[Dataset entries]
★ ★ ★ ★ ★

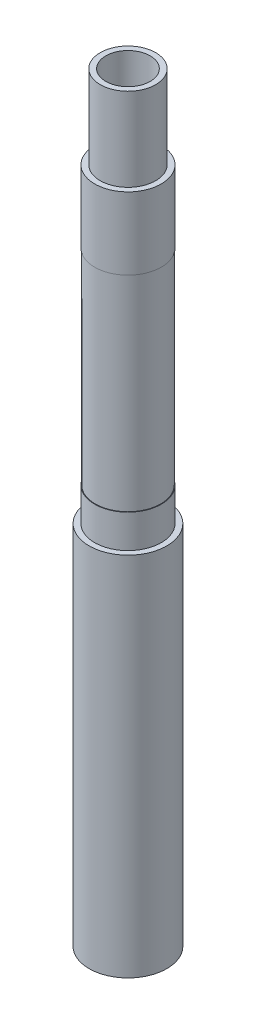
SolidWorks part; units mm, degrees
material "Q235B"
ref_plane "Front Plane" through (0, 0, 0) normal (0, 0, 1) x (1, 0, 0)
ref_plane "Top Plane" through (0, 0, 0) normal (0, 1, 0) x (1, 0, 0)
ref_plane "Right Plane" through (0, 0, 0) normal (1, 0, 0) x (0, 0, -1)
sketch "Sketch1" plane through (0, 0, 0) normal (0, 0, 1) x (1, 0, 0)
  line L0 (0, 0) -> (35, 0)
  line L1 (35, 0) -> (35, 330)
  line L2 (35, 330) -> (30, 330)
  line L3 (30, 330) -> (30, 360)
  line L4 (30, 360) -> (29.5, 360)
  line L5 (29.5, 360) -> (29.5, 545)
  line L6 (29.5, 545) -> (30, 545)
  line L7 (30, 545) -> (30, 610)
  line L8 (30, 610) -> (25, 610)
  line L9 (25, 610) -> (25, 685)
  line L10 (25, 685) -> (0, 685)
  line L11 (0, 685) -> (0, 0) construction
  line L12 (0, 0) -> (0, 685)
  dimension "D1" = 70
  dimension "D2" = 60
  dimension "D3" = 59
  dimension "D4" = 60
  dimension "D5" = 50
  dimension "D6" = 685
  dimension "D7" = 75
  dimension "D8" = 65
  dimension "D9" = 185
  dimension "D10" = 30
revolve "Revolve1" add sketch "Sketch1" angle 360 about L11
cosmetic thread "Cosmetic Thread1" parameters "D1"=35, "D2"=54.046
sketch "Sketch2" plane through (0, 685, 0) normal (0, 1, 0) x (1, 0, 0)
  circle A0 centre (0, 0) radius 20
  dimension "D1" = 40
extrude "Cut-Extrude1" cut sketch "Sketch2" against normal up to next

★ ★ ★ ★ ★

__Problem requirements__
Which lines in the entries above contain "dimension"? Pull each of them out.

__Answer space__
  dimension "D1" = 70
  dimension "D2" = 60
  dimension "D3" = 59
  dimension "D4" = 60
  dimension "D5" = 50
  dimension "D6" = 685
  dimension "D7" = 75
  dimension "D8" = 65
  dimension "D9" = 185
  dimension "D10" = 30
  dimension "D1" = 40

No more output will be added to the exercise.